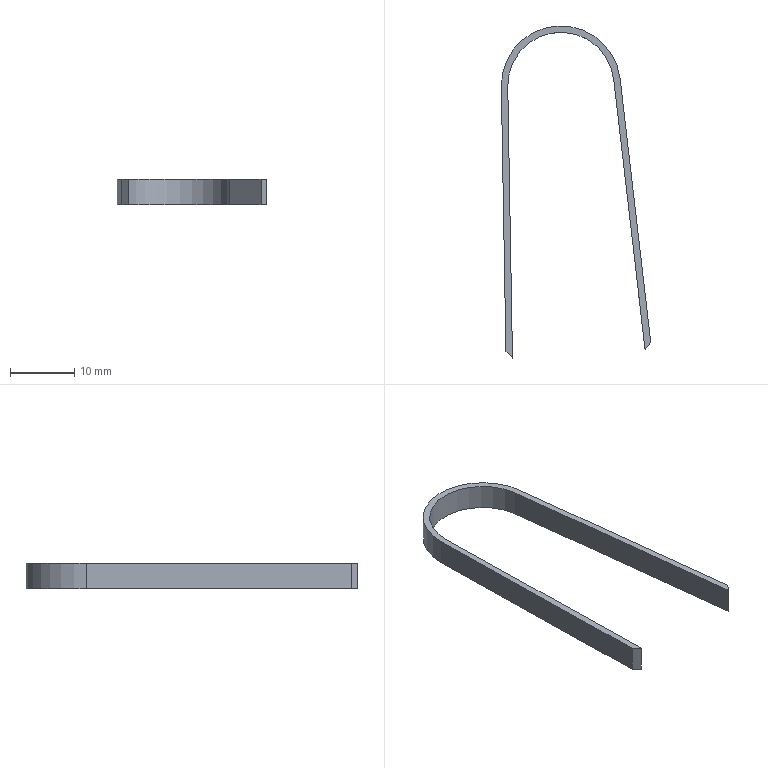Component | SolidWorks | Clip-1 | 1 solid | 10 faces | box 23.23 x 51.65 x 4 mm | volume 441 mm3 | plane 8 | cylinder 2 | commonest cylinder face diameters 16.531 x1 18.531 x1
STEP:
#1=CARTESIAN_POINT('',(-2.639,-1.14,6.23));
#2=VERTEX_POINT('',#1);
#3=CARTESIAN_POINT('',(-2.452,-2.753,6.23));
#4=VERTEX_POINT('',#3);
#5=CARTESIAN_POINT('',(-2.639,-1.14,6.23));
#6=DIRECTION('',(0.1153,-0.9933,-0.));
#7=VECTOR('',#6,39.37);
#8=LINE('',#5,#7);
#9=EDGE_CURVE('',#2,#4,#8,.T.);
#10=ORIENTED_EDGE('',*,*,#9,.T.);
#11=CARTESIAN_POINT('',(-2.452,-2.753,6.073));
#12=VERTEX_POINT('',#11);
#13=CARTESIAN_POINT('',(-2.452,-2.753,6.073));
#14=DIRECTION('',(0.,0.,-1.));
#15=VECTOR('',#14,39.37);
#16=LINE('',#13,#15);
#17=EDGE_CURVE('',#4,#12,#16,.T.);
#18=ORIENTED_EDGE('',*,*,#17,.T.);
#19=CARTESIAN_POINT('',(-2.639,-1.14,6.073));
#20=VERTEX_POINT('',#19);
#21=CARTESIAN_POINT('',(-2.639,-1.14,6.073));
#22=DIRECTION('',(0.1153,-0.9933,-0.));
#23=VECTOR('',#22,39.37);
#24=LINE('',#21,#23);
#25=EDGE_CURVE('',#20,#12,#24,.T.);
#26=ORIENTED_EDGE('',*,*,#25,.F.);
#27=CARTESIAN_POINT('',(-2.639,-1.14,6.073));
#28=DIRECTION('',(-0.,-0.,1.));
#29=VECTOR('',#28,39.37);
#30=LINE('',#27,#29);
#31=EDGE_CURVE('',#20,#2,#30,.T.);
#32=ORIENTED_EDGE('',*,*,#31,.T.);
#33=EDGE_LOOP('',(#10,#18,#26,#32));
#34=FACE_OUTER_BOUND('',#33,.T.);
#35=CARTESIAN_POINT('',(-2.639,-1.14,6.073));
#36=DIRECTION('',(-0.9933,-0.1153,-0.));
#37=DIRECTION('',(-0.1153,0.9933,0.));
#38=AXIS2_PLACEMENT_3D('',#35,#36,#37);
#39=PLANE('',#38);
#40=ADVANCED_FACE('',(#34),#39,.F.);
#41=CARTESIAN_POINT('',(-2.678,-1.144,6.073));
#42=VERTEX_POINT('',#41);
#43=CARTESIAN_POINT('',(-2.487,-2.797,6.073));
#44=VERTEX_POINT('',#43);
#45=CARTESIAN_POINT('',(-2.678,-1.144,6.073));
#46=DIRECTION('',(0.1153,-0.9933,-0.));
#47=VECTOR('',#46,39.37);
#48=LINE('',#45,#47);
#49=EDGE_CURVE('',#42,#44,#48,.T.);
#50=ORIENTED_EDGE('',*,*,#49,.T.);
#51=CARTESIAN_POINT('',(-2.487,-2.797,6.23));
#52=VERTEX_POINT('',#51);
#53=CARTESIAN_POINT('',(-2.487,-2.797,6.073));
#54=DIRECTION('',(-0.,-0.,1.));
#55=VECTOR('',#54,39.37);
#56=LINE('',#53,#55);
#57=EDGE_CURVE('',#44,#52,#56,.T.);
#58=ORIENTED_EDGE('',*,*,#57,.T.);
#59=CARTESIAN_POINT('',(-2.678,-1.144,6.23));
#60=VERTEX_POINT('',#59);
#61=CARTESIAN_POINT('',(-2.678,-1.144,6.23));
#62=DIRECTION('',(0.1153,-0.9933,-0.));
#63=VECTOR('',#62,39.37);
#64=LINE('',#61,#63);
#65=EDGE_CURVE('',#60,#52,#64,.T.);
#66=ORIENTED_EDGE('',*,*,#65,.F.);
#67=CARTESIAN_POINT('',(-2.678,-1.144,6.073));
#68=DIRECTION('',(-0.,-0.,1.));
#69=VECTOR('',#68,39.37);
#70=LINE('',#67,#69);
#71=EDGE_CURVE('',#42,#60,#70,.T.);
#72=ORIENTED_EDGE('',*,*,#71,.F.);
#73=EDGE_LOOP('',(#50,#58,#66,#72));
#74=FACE_OUTER_BOUND('',#73,.T.);
#75=CARTESIAN_POINT('',(-2.678,-1.144,6.073));
#76=DIRECTION('',(-0.9933,-0.1153,-0.));
#77=DIRECTION('',(-0.1153,0.9933,0.));
#78=AXIS2_PLACEMENT_3D('',#75,#76,#77);
#79=PLANE('',#78);
#80=ADVANCED_FACE('',(#74),#79,.T.);
#81=CARTESIAN_POINT('',(-3.327,-1.188,6.23));
#82=VERTEX_POINT('',#81);
#83=CARTESIAN_POINT('',(-3.002,-1.182,6.23));
#84=DIRECTION('',(0.,0.,-1.));
#85=DIRECTION('',(0.9978,0.06638,0.));
#86=AXIS2_PLACEMENT_3D('',#83,#84,#85);
#87=CIRCLE('',#86,0.3254);
#88=EDGE_CURVE('',#82,#60,#87,.T.);
#89=ORIENTED_EDGE('',*,*,#88,.F.);
#90=CARTESIAN_POINT('',(-3.327,-1.188,6.073));
#91=VERTEX_POINT('',#90);
#92=CARTESIAN_POINT('',(-3.327,-1.188,6.073));
#93=DIRECTION('',(-0.,-0.,1.));
#94=VECTOR('',#93,39.37);
#95=LINE('',#92,#94);
#96=EDGE_CURVE('',#91,#82,#95,.T.);
#97=ORIENTED_EDGE('',*,*,#96,.F.);
#98=CARTESIAN_POINT('',(-3.002,-1.182,6.073));
#99=DIRECTION('',(0.,0.,-1.));
#100=DIRECTION('',(0.9978,0.06638,0.));
#101=AXIS2_PLACEMENT_3D('',#98,#99,#100);
#102=CIRCLE('',#101,0.3254);
#103=EDGE_CURVE('',#91,#42,#102,.T.);
#104=ORIENTED_EDGE('',*,*,#103,.T.);
#105=ORIENTED_EDGE('',*,*,#71,.T.);
#106=EDGE_LOOP('',(#89,#97,#104,#105));
#107=FACE_OUTER_BOUND('',#106,.T.);
#108=CARTESIAN_POINT('',(-3.002,-1.182,6.073));
#109=DIRECTION('',(-0.,-0.,1.));
#110=DIRECTION('',(-0.9978,-0.06638,0.));
#111=AXIS2_PLACEMENT_3D('',#108,#109,#110);
#112=CYLINDRICAL_SURFACE('',#111,0.3254);
#113=ADVANCED_FACE('',(#107),#112,.F.);
#114=CARTESIAN_POINT('',(-3.298,-2.851,6.23));
#115=VERTEX_POINT('',#114);
#116=CARTESIAN_POINT('',(-3.327,-1.188,6.23));
#117=DIRECTION('',(-0.01728,0.9999,0.));
#118=VECTOR('',#117,39.37);
#119=LINE('',#116,#118);
#120=EDGE_CURVE('',#115,#82,#119,.T.);
#121=ORIENTED_EDGE('',*,*,#120,.F.);
#122=CARTESIAN_POINT('',(-3.298,-2.851,6.073));
#123=VERTEX_POINT('',#122);
#124=CARTESIAN_POINT('',(-3.298,-2.851,6.073));
#125=DIRECTION('',(0.,0.,-1.));
#126=VECTOR('',#125,39.37);
#127=LINE('',#124,#126);
#128=EDGE_CURVE('',#115,#123,#127,.T.);
#129=ORIENTED_EDGE('',*,*,#128,.T.);
#130=CARTESIAN_POINT('',(-3.327,-1.188,6.073));
#131=DIRECTION('',(-0.01728,0.9999,0.));
#132=VECTOR('',#131,39.37);
#133=LINE('',#130,#132);
#134=EDGE_CURVE('',#123,#91,#133,.T.);
#135=ORIENTED_EDGE('',*,*,#134,.T.);
#136=ORIENTED_EDGE('',*,*,#96,.T.);
#137=EDGE_LOOP('',(#121,#129,#135,#136));
#138=FACE_OUTER_BOUND('',#137,.T.);
#139=CARTESIAN_POINT('',(-3.327,-1.188,6.073));
#140=DIRECTION('',(0.9999,0.01728,0.));
#141=DIRECTION('',(0.01728,-0.9999,-0.));
#142=AXIS2_PLACEMENT_3D('',#139,#140,#141);
#143=PLANE('',#142);
#144=ADVANCED_FACE('',(#138),#143,.T.);
#145=CARTESIAN_POINT('',(-3.338,-2.812,6.073));
#146=VERTEX_POINT('',#145);
#147=CARTESIAN_POINT('',(-3.366,-1.188,6.073));
#148=VERTEX_POINT('',#147);
#149=CARTESIAN_POINT('',(-3.366,-1.188,6.073));
#150=DIRECTION('',(-0.01728,0.9999,0.));
#151=VECTOR('',#150,39.37);
#152=LINE('',#149,#151);
#153=EDGE_CURVE('',#146,#148,#152,.T.);
#154=ORIENTED_EDGE('',*,*,#153,.F.);
#155=CARTESIAN_POINT('',(-3.338,-2.812,6.23));
#156=VERTEX_POINT('',#155);
#157=CARTESIAN_POINT('',(-3.338,-2.812,6.23));
#158=DIRECTION('',(-0.,-0.,1.));
#159=VECTOR('',#158,39.37);
#160=LINE('',#157,#159);
#161=EDGE_CURVE('',#146,#156,#160,.T.);
#162=ORIENTED_EDGE('',*,*,#161,.T.);
#163=CARTESIAN_POINT('',(-3.366,-1.188,6.23));
#164=VERTEX_POINT('',#163);
#165=CARTESIAN_POINT('',(-3.366,-1.188,6.23));
#166=DIRECTION('',(-0.01728,0.9999,0.));
#167=VECTOR('',#166,39.37);
#168=LINE('',#165,#167);
#169=EDGE_CURVE('',#156,#164,#168,.T.);
#170=ORIENTED_EDGE('',*,*,#169,.T.);
#171=CARTESIAN_POINT('',(-3.366,-1.188,6.073));
#172=DIRECTION('',(-0.,-0.,1.));
#173=VECTOR('',#172,39.37);
#174=LINE('',#171,#173);
#175=EDGE_CURVE('',#148,#164,#174,.T.);
#176=ORIENTED_EDGE('',*,*,#175,.F.);
#177=EDGE_LOOP('',(#154,#162,#170,#176));
#178=FACE_OUTER_BOUND('',#177,.T.);
#179=CARTESIAN_POINT('',(-3.366,-1.188,6.073));
#180=DIRECTION('',(0.9999,0.01728,0.));
#181=DIRECTION('',(0.01728,-0.9999,-0.));
#182=AXIS2_PLACEMENT_3D('',#179,#180,#181);
#183=PLANE('',#182);
#184=ADVANCED_FACE('',(#178),#183,.F.);
#185=CARTESIAN_POINT('',(-3.002,-1.182,6.23));
#186=DIRECTION('',(0.,0.,-1.));
#187=DIRECTION('',(0.9978,0.06638,0.));
#188=AXIS2_PLACEMENT_3D('',#185,#186,#187);
#189=CIRCLE('',#188,0.3648);
#190=EDGE_CURVE('',#164,#2,#189,.T.);
#191=ORIENTED_EDGE('',*,*,#190,.T.);
#192=ORIENTED_EDGE('',*,*,#31,.F.);
#193=CARTESIAN_POINT('',(-3.002,-1.182,6.073));
#194=DIRECTION('',(0.,0.,-1.));
#195=DIRECTION('',(0.9978,0.06638,0.));
#196=AXIS2_PLACEMENT_3D('',#193,#194,#195);
#197=CIRCLE('',#196,0.3648);
#198=EDGE_CURVE('',#148,#20,#197,.T.);
#199=ORIENTED_EDGE('',*,*,#198,.F.);
#200=ORIENTED_EDGE('',*,*,#175,.T.);
#201=EDGE_LOOP('',(#191,#192,#199,#200));
#202=FACE_OUTER_BOUND('',#201,.T.);
#203=CARTESIAN_POINT('',(-3.002,-1.182,6.073));
#204=DIRECTION('',(-0.,-0.,1.));
#205=DIRECTION('',(-0.9978,-0.06638,0.));
#206=AXIS2_PLACEMENT_3D('',#203,#204,#205);
#207=CYLINDRICAL_SURFACE('',#206,0.3648);
#208=ADVANCED_FACE('',(#202),#207,.T.);
#209=ORIENTED_EDGE('',*,*,#25,.T.);
#210=CARTESIAN_POINT('',(-1.899,-2.055,6.073));
#211=DIRECTION('',(-0.6208,-0.7839,-0.));
#212=VECTOR('',#211,39.37);
#213=LINE('',#210,#212);
#214=EDGE_CURVE('',#12,#44,#213,.T.);
#215=ORIENTED_EDGE('',*,*,#214,.T.);
#216=ORIENTED_EDGE('',*,*,#49,.F.);
#217=ORIENTED_EDGE('',*,*,#103,.F.);
#218=ORIENTED_EDGE('',*,*,#134,.F.);
#219=CARTESIAN_POINT('',(-3.979,-2.193,6.073));
#220=DIRECTION('',(-0.7192,0.6948,0.));
#221=VECTOR('',#220,39.37);
#222=LINE('',#219,#221);
#223=EDGE_CURVE('',#123,#146,#222,.T.);
#224=ORIENTED_EDGE('',*,*,#223,.T.);
#225=ORIENTED_EDGE('',*,*,#153,.T.);
#226=ORIENTED_EDGE('',*,*,#198,.T.);
#227=EDGE_LOOP('',(#209,#215,#216,#217,#218,#224,#225,#226));
#228=FACE_OUTER_BOUND('',#227,.T.);
#229=CARTESIAN_POINT('',(-3.002,-1.182,6.073));
#230=DIRECTION('',(0.,0.,-1.));
#231=DIRECTION('',(0.9978,0.06638,0.));
#232=AXIS2_PLACEMENT_3D('',#229,#230,#231);
#233=PLANE('',#232);
#234=ADVANCED_FACE('',(#228),#233,.T.);
#235=ORIENTED_EDGE('',*,*,#65,.T.);
#236=CARTESIAN_POINT('',(-2.556,-2.884,6.23));
#237=DIRECTION('',(0.6208,0.7839,0.));
#238=VECTOR('',#237,39.37);
#239=LINE('',#236,#238);
#240=EDGE_CURVE('',#52,#4,#239,.T.);
#241=ORIENTED_EDGE('',*,*,#240,.T.);
#242=ORIENTED_EDGE('',*,*,#9,.F.);
#243=ORIENTED_EDGE('',*,*,#190,.F.);
#244=ORIENTED_EDGE('',*,*,#169,.F.);
#245=CARTESIAN_POINT('',(-3.338,-2.812,6.23));
#246=DIRECTION('',(0.7192,-0.6948,-0.));
#247=VECTOR('',#246,39.37);
#248=LINE('',#245,#247);
#249=EDGE_CURVE('',#156,#115,#248,.T.);
#250=ORIENTED_EDGE('',*,*,#249,.T.);
#251=ORIENTED_EDGE('',*,*,#120,.T.);
#252=ORIENTED_EDGE('',*,*,#88,.T.);
#253=EDGE_LOOP('',(#235,#241,#242,#243,#244,#250,#251,#252));
#254=FACE_OUTER_BOUND('',#253,.T.);
#255=CARTESIAN_POINT('',(-3.002,-1.182,6.23));
#256=DIRECTION('',(0.,0.,-1.));
#257=DIRECTION('',(0.9978,0.06638,0.));
#258=AXIS2_PLACEMENT_3D('',#255,#256,#257);
#259=PLANE('',#258);
#260=ADVANCED_FACE('',(#254),#259,.F.);
#261=ORIENTED_EDGE('',*,*,#223,.F.);
#262=ORIENTED_EDGE('',*,*,#128,.F.);
#263=ORIENTED_EDGE('',*,*,#249,.F.);
#264=ORIENTED_EDGE('',*,*,#161,.F.);
#265=EDGE_LOOP('',(#261,#262,#263,#264));
#266=FACE_OUTER_BOUND('',#265,.T.);
#267=CARTESIAN_POINT('',(-3.338,-2.812,6.073));
#268=DIRECTION('',(-0.6948,-0.7192,-0.));
#269=DIRECTION('',(0.,0.,-1.));
#270=AXIS2_PLACEMENT_3D('',#267,#268,#269);
#271=PLANE('',#270);
#272=ADVANCED_FACE('',(#266),#271,.T.);
#273=ORIENTED_EDGE('',*,*,#214,.F.);
#274=ORIENTED_EDGE('',*,*,#17,.F.);
#275=ORIENTED_EDGE('',*,*,#240,.F.);
#276=ORIENTED_EDGE('',*,*,#57,.F.);
#277=EDGE_LOOP('',(#273,#274,#275,#276));
#278=FACE_OUTER_BOUND('',#277,.T.);
#279=CARTESIAN_POINT('',(-2.556,-2.884,6.073));
#280=DIRECTION('',(0.7839,-0.6208,-0.));
#281=DIRECTION('',(0.,0.,-1.));
#282=AXIS2_PLACEMENT_3D('',#279,#280,#281);
#283=PLANE('',#282);
#284=ADVANCED_FACE('',(#278),#283,.T.);
#285=CLOSED_SHELL('',(#40,#80,#113,#144,#184,#208,#234,#260,#272,#284));
#286=MANIFOLD_SOLID_BREP('',#285);
#287=CARTESIAN_POINT('',(0.,0.,0.));
#288=DIRECTION('',(0.,0.,1.));
#289=DIRECTION('',(1.,0.,0.));
#290=AXIS2_PLACEMENT_3D('',#287,#288,#289);
#291=(LENGTH_UNIT()NAMED_UNIT(*)SI_UNIT($,.METRE.));
#292=LENGTH_MEASURE_WITH_UNIT(LENGTH_MEASURE(0.0254),#291);
#293=DIMENSIONAL_EXPONENTS(1.,0.,0.,0.,0.,0.,0.);
#294=(CONVERSION_BASED_UNIT('',#292)LENGTH_UNIT()NAMED_UNIT(#293));
#295=UNCERTAINTY_MEASURE_WITH_UNIT(LENGTH_MEASURE(0.00001),#294,'','');
#296=(NAMED_UNIT(*)PLANE_ANGLE_UNIT()SI_UNIT($,.RADIAN.));
#297=(NAMED_UNIT(*)SI_UNIT($,.STERADIAN.)SOLID_ANGLE_UNIT());
#298=(GEOMETRIC_REPRESENTATION_CONTEXT(3)GLOBAL_UNCERTAINTY_ASSIGNED_CONTEXT((#295))GLOBAL_UNIT_ASSIGNED_CONTEXT((#294,#296,#297))REPRESENTATION_CONTEXT('',''));
#299=ADVANCED_BREP_SHAPE_REPRESENTATION('',(#286,#290),#298);
#300=COLOUR_RGB('',0.7922,0.8196,0.9333);
#301=FILL_AREA_STYLE_COLOUR('',#300);
#302=FILL_AREA_STYLE('',(#301));
#303=SURFACE_STYLE_FILL_AREA(#302);
#304=SURFACE_SIDE_STYLE('',(#303));
#305=SURFACE_STYLE_USAGE(.BOTH.,#304);
#306=PRESENTATION_STYLE_ASSIGNMENT((#305));
#307=STYLED_ITEM('',(#306),#286);
#308=(LENGTH_UNIT()NAMED_UNIT(*)SI_UNIT($,.METRE.));
#309=LENGTH_MEASURE_WITH_UNIT(LENGTH_MEASURE(0.0254),#308);
#310=DIMENSIONAL_EXPONENTS(1.,0.,0.,0.,0.,0.,0.);
#311=(CONVERSION_BASED_UNIT('',#309)LENGTH_UNIT()NAMED_UNIT(#310));
#312=UNCERTAINTY_MEASURE_WITH_UNIT(LENGTH_MEASURE(0.00001),#311,'','');
#313=(NAMED_UNIT(*)PLANE_ANGLE_UNIT()SI_UNIT($,.RADIAN.));
#314=(NAMED_UNIT(*)SI_UNIT($,.STERADIAN.)SOLID_ANGLE_UNIT());
#315=(GEOMETRIC_REPRESENTATION_CONTEXT(3)GLOBAL_UNCERTAINTY_ASSIGNED_CONTEXT((#312))GLOBAL_UNIT_ASSIGNED_CONTEXT((#311,#313,#314))REPRESENTATION_CONTEXT('',''));
#316=MECHANICAL_DESIGN_GEOMETRIC_PRESENTATION_REPRESENTATION('',(#307),#315);
#317=PRESENTATION_LAYER_ASSIGNMENT('','',(#307));
· · · · ·
TASK PROMPT: Please restate the lines above exactly, starting at the first line of the data and stopping at the line containing "#14=DIRECTION('',(0.,0.,-1.));", which is included. Omit pictures.

REPLY:
Component | SolidWorks | Clip-1 | 1 solid | 10 faces | box 23.23 x 51.65 x 4 mm | volume 441 mm3 | plane 8 | cylinder 2 | commonest cylinder face diameters 16.531 x1 18.531 x1
STEP:
#1=CARTESIAN_POINT('',(-2.639,-1.14,6.23));
#2=VERTEX_POINT('',#1);
#3=CARTESIAN_POINT('',(-2.452,-2.753,6.23));
#4=VERTEX_POINT('',#3);
#5=CARTESIAN_POINT('',(-2.639,-1.14,6.23));
#6=DIRECTION('',(0.1153,-0.9933,-0.));
#7=VECTOR('',#6,39.37);
#8=LINE('',#5,#7);
#9=EDGE_CURVE('',#2,#4,#8,.T.);
#10=ORIENTED_EDGE('',*,*,#9,.T.);
#11=CARTESIAN_POINT('',(-2.452,-2.753,6.073));
#12=VERTEX_POINT('',#11);
#13=CARTESIAN_POINT('',(-2.452,-2.753,6.073));
#14=DIRECTION('',(0.,0.,-1.));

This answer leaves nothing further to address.